[Dataset items]
========================

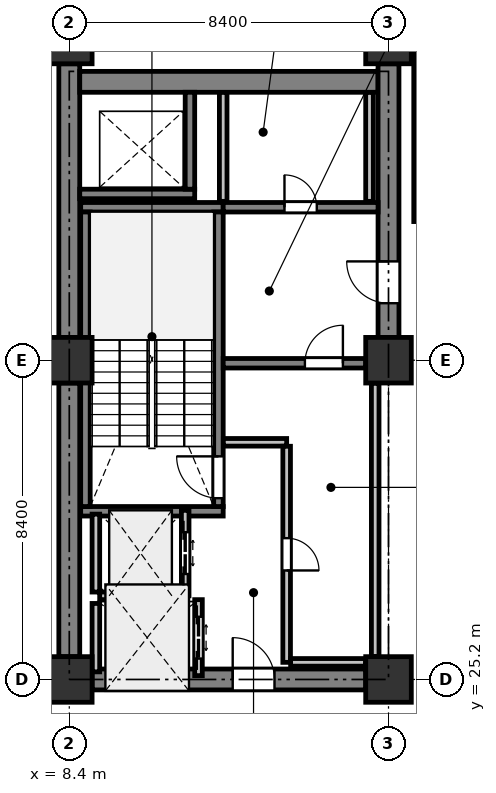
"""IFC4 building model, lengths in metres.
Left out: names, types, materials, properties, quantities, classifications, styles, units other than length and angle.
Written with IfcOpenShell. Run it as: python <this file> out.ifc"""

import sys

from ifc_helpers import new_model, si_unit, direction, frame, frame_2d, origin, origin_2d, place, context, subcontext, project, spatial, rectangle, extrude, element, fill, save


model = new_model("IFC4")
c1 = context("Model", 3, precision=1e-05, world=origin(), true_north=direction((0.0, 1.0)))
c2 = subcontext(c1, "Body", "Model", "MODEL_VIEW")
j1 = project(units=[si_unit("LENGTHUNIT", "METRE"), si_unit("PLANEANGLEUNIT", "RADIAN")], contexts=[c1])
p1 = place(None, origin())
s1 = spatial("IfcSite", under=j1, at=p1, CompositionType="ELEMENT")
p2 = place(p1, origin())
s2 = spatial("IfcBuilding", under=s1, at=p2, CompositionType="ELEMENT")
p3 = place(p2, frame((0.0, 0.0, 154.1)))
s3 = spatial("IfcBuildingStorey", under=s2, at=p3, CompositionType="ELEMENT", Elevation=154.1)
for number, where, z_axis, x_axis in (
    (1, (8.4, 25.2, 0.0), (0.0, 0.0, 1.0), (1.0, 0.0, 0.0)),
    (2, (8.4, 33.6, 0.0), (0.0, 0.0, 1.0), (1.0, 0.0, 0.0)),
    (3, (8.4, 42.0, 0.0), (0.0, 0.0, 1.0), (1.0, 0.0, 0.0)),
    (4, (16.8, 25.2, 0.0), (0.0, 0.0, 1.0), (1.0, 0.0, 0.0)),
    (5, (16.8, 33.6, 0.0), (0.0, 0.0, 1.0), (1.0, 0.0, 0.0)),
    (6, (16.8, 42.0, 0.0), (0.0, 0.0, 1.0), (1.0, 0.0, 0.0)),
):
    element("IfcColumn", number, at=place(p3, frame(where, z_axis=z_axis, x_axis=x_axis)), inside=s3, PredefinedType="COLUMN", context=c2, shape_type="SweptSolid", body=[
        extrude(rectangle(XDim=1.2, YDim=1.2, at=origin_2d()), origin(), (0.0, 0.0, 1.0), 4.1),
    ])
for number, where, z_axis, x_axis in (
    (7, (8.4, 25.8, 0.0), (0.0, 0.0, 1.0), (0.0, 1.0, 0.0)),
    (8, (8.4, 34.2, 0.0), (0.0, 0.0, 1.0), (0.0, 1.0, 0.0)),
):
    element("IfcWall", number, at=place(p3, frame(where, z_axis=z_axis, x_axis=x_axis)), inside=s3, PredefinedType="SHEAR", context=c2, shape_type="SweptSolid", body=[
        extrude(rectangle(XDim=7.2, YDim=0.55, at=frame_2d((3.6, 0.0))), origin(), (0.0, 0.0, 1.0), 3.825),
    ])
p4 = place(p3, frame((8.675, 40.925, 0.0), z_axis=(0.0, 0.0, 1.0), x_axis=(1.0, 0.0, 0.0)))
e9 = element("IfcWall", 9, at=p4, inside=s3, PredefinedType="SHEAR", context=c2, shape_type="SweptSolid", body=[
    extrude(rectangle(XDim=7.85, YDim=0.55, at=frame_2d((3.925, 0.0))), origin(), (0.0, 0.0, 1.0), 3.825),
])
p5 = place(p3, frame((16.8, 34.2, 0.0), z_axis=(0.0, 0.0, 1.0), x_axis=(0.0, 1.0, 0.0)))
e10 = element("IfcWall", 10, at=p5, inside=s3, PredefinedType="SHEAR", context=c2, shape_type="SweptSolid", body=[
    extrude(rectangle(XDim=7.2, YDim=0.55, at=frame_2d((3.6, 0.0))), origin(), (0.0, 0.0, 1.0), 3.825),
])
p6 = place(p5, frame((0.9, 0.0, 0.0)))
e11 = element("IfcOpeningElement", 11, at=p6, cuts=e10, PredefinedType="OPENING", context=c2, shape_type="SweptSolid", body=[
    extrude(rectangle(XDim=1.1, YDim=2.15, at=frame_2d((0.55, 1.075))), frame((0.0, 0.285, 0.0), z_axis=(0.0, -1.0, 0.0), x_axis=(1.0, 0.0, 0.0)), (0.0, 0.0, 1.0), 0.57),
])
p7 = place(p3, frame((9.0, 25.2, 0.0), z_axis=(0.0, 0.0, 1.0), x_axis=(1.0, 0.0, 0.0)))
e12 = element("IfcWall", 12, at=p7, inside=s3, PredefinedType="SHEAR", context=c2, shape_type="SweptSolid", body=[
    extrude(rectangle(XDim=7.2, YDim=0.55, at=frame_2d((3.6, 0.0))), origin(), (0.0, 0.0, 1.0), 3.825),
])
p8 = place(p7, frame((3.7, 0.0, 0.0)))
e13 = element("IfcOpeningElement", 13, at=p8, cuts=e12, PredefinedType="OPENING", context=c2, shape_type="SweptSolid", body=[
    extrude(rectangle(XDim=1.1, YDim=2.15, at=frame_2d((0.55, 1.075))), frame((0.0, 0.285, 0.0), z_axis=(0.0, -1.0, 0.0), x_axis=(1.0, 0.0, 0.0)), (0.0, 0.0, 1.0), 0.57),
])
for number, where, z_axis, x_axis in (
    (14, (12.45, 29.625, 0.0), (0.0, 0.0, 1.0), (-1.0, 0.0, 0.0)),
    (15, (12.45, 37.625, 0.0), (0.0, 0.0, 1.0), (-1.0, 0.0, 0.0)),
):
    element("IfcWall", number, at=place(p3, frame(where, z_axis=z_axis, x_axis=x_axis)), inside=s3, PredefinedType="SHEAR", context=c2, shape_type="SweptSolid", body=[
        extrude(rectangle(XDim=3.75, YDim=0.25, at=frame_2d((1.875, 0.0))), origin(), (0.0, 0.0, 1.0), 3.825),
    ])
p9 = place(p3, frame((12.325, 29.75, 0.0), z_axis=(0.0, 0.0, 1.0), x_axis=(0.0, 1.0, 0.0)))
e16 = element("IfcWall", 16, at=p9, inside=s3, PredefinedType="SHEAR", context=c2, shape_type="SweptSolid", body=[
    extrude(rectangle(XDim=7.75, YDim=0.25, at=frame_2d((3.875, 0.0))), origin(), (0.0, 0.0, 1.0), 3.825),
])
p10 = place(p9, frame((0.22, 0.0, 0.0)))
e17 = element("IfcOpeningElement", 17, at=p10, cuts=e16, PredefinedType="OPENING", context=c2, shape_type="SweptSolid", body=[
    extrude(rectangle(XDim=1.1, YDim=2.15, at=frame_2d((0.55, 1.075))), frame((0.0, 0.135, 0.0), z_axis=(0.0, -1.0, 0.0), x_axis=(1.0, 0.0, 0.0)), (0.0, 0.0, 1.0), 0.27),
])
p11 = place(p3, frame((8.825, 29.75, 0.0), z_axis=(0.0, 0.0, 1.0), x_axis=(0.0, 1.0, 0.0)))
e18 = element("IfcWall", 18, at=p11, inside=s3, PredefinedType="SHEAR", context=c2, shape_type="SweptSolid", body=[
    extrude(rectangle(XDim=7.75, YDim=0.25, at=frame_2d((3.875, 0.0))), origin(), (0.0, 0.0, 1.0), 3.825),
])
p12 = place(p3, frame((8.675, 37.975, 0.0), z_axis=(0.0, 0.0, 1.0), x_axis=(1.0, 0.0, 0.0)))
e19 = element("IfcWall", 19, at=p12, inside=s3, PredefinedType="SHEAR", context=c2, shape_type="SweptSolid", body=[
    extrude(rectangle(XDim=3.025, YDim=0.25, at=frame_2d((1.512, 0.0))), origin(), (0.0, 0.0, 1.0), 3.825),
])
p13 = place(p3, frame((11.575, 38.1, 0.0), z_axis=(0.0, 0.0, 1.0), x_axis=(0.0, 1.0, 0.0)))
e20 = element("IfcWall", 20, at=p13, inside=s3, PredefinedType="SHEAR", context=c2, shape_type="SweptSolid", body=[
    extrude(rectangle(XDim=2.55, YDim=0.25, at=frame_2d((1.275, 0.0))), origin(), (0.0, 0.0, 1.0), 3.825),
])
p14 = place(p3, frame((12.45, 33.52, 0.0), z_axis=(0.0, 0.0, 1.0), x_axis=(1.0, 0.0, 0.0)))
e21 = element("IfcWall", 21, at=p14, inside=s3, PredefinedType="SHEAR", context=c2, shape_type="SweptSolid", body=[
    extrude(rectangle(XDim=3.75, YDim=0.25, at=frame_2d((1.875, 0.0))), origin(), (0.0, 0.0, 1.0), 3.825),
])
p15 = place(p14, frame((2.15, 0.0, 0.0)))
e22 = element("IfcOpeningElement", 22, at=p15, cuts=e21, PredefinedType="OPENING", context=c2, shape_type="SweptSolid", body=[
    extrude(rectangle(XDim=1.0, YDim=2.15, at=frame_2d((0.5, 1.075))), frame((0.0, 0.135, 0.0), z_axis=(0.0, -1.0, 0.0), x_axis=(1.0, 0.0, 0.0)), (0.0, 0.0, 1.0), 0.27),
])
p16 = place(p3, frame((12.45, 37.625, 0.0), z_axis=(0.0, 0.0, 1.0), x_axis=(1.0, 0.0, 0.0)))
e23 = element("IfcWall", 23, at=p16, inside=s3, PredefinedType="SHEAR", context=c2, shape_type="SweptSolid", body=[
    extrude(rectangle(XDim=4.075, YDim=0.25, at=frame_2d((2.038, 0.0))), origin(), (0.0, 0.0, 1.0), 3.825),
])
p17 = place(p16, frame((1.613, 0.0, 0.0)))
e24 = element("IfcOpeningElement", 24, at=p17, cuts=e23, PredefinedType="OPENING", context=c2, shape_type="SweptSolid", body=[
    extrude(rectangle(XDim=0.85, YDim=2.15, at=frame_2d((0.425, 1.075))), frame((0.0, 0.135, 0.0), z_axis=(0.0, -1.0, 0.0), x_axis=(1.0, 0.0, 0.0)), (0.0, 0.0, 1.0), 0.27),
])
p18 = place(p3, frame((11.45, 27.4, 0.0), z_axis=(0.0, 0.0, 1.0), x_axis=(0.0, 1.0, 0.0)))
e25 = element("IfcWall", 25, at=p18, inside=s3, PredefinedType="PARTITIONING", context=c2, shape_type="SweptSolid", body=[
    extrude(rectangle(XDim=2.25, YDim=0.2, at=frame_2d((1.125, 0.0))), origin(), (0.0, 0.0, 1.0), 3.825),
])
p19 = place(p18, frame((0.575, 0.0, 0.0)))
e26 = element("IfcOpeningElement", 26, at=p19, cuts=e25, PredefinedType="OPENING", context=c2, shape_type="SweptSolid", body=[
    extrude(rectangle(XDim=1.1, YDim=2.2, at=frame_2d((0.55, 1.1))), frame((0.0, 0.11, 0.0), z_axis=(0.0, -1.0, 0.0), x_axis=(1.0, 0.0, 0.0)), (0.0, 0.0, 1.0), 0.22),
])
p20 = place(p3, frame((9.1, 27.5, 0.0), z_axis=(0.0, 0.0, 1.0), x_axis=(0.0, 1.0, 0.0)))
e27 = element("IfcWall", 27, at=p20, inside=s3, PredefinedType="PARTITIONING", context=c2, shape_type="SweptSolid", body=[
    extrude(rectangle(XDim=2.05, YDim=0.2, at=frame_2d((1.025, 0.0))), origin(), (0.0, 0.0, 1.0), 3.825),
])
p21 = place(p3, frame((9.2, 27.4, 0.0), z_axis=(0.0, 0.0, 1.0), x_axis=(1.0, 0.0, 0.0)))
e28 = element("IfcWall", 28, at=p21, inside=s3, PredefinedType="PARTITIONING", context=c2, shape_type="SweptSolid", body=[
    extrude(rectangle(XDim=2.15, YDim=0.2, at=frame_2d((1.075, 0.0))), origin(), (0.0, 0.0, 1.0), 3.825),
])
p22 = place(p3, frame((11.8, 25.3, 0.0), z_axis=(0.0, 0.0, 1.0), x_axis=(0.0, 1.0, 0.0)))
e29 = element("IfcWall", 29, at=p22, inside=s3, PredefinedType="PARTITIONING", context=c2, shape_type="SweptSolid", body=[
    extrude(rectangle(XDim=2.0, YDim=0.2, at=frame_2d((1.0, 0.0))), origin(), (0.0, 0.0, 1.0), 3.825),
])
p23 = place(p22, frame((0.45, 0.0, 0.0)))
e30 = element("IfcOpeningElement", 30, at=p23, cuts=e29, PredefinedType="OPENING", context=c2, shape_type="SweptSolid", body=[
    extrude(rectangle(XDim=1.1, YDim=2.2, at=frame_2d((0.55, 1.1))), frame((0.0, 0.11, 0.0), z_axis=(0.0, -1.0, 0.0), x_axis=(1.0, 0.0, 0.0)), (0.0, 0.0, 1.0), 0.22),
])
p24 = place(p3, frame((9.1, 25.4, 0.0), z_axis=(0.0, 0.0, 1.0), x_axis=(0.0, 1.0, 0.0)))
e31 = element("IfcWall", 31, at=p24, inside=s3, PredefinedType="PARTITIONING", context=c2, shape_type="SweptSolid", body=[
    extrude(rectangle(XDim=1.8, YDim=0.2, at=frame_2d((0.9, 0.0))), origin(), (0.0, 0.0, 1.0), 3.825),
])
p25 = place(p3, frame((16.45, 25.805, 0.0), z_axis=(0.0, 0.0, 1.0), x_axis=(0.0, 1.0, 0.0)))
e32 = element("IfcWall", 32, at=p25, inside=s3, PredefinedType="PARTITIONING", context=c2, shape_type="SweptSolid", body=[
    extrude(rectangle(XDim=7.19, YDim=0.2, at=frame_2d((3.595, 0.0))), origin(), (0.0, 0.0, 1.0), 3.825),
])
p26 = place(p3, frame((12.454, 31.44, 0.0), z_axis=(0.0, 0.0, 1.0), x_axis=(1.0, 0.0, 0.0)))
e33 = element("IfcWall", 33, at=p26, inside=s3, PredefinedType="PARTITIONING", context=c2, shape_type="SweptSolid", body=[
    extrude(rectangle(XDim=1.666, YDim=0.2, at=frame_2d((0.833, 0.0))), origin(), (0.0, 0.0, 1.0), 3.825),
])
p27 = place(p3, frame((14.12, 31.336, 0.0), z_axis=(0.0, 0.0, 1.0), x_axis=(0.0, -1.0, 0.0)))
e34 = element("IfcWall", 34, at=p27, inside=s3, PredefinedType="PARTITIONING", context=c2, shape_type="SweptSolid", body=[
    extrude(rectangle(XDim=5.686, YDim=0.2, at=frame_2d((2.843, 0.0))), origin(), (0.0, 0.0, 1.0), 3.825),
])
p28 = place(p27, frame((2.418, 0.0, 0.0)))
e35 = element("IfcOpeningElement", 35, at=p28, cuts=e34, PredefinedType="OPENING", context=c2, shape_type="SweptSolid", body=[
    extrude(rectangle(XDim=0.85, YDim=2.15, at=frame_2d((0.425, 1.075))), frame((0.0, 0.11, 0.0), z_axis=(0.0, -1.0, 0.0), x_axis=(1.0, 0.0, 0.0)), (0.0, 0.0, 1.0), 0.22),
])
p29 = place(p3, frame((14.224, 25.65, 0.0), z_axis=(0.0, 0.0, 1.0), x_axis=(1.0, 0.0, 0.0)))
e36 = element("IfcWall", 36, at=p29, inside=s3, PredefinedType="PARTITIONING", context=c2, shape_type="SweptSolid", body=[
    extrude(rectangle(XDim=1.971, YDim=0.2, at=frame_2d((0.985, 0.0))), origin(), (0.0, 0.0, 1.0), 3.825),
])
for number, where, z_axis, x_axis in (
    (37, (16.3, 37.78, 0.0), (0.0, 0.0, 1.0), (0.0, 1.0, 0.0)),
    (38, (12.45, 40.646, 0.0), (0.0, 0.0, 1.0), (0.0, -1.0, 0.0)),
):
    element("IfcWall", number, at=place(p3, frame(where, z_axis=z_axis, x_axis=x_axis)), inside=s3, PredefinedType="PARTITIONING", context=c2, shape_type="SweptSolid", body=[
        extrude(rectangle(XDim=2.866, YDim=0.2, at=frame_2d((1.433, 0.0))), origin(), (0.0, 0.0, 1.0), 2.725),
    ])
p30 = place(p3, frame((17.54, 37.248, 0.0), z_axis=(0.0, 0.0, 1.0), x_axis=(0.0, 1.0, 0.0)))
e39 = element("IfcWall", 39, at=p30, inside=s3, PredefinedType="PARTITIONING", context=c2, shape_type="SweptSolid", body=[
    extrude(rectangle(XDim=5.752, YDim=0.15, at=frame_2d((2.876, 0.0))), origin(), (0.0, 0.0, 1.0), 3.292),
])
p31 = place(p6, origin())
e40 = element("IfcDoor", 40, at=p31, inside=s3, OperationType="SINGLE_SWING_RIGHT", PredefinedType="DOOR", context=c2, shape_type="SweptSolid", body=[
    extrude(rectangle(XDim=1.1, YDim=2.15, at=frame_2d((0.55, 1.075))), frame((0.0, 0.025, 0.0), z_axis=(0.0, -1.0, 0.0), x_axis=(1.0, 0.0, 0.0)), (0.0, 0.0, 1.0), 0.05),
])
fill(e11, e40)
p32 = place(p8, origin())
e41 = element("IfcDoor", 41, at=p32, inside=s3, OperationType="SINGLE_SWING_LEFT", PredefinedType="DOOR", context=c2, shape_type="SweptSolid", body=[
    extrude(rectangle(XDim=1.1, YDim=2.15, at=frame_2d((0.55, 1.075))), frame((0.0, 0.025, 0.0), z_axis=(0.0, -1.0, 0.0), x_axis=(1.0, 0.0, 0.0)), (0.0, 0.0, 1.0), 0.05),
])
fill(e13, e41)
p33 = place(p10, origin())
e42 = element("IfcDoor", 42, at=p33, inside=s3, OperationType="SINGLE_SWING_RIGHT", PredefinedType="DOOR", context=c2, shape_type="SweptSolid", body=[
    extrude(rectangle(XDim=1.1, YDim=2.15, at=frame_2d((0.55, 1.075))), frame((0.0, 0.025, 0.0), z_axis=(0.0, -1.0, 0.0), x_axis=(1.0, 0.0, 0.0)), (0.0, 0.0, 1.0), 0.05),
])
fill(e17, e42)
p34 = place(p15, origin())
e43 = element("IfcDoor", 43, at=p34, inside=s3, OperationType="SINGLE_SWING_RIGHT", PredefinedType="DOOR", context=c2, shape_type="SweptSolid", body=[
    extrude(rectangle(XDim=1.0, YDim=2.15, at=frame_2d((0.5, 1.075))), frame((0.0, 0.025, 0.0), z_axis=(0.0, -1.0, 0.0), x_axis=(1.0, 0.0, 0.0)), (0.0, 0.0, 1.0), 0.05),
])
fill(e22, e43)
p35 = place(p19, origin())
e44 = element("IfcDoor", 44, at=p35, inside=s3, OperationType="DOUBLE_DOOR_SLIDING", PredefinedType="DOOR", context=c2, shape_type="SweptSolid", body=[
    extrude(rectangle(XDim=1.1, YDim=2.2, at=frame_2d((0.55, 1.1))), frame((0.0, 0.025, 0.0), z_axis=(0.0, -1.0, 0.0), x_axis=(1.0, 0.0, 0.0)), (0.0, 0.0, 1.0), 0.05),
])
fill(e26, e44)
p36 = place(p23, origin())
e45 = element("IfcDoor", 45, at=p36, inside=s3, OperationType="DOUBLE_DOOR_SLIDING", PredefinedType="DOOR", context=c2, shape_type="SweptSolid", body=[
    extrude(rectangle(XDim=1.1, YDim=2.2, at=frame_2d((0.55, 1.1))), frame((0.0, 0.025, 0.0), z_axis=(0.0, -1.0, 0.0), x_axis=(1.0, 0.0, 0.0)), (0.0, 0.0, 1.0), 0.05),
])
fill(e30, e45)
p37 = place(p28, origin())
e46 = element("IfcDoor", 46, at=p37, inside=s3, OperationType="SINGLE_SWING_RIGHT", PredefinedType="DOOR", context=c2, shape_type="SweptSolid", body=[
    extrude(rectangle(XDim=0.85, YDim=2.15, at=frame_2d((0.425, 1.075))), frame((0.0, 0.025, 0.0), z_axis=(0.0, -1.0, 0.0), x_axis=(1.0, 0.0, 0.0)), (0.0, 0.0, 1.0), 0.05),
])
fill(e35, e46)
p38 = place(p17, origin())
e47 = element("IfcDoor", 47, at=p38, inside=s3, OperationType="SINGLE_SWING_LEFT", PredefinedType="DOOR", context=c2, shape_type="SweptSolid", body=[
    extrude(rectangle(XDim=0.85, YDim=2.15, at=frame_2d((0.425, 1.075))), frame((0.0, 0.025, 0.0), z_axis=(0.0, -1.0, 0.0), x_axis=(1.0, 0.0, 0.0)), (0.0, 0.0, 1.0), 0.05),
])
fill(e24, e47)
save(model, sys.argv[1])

========================

[What to produce]
Set down the records above exactly as written, beginning with the first line and ending with the line that contains "from ifc_helpers import", and do not include pictures.

[Solution to the exercise]
"""IFC4 building model, lengths in metres.
Left out: names, types, materials, properties, quantities, classifications, styles, units other than length and angle.
Written with IfcOpenShell. Run it as: python <this file> out.ifc"""

import sys

from ifc_helpers import new_model, si_unit, direction, frame, frame_2d, origin, origin_2d, place, context, subcontext, project, spatial, rectangle, extrude, element, fill, save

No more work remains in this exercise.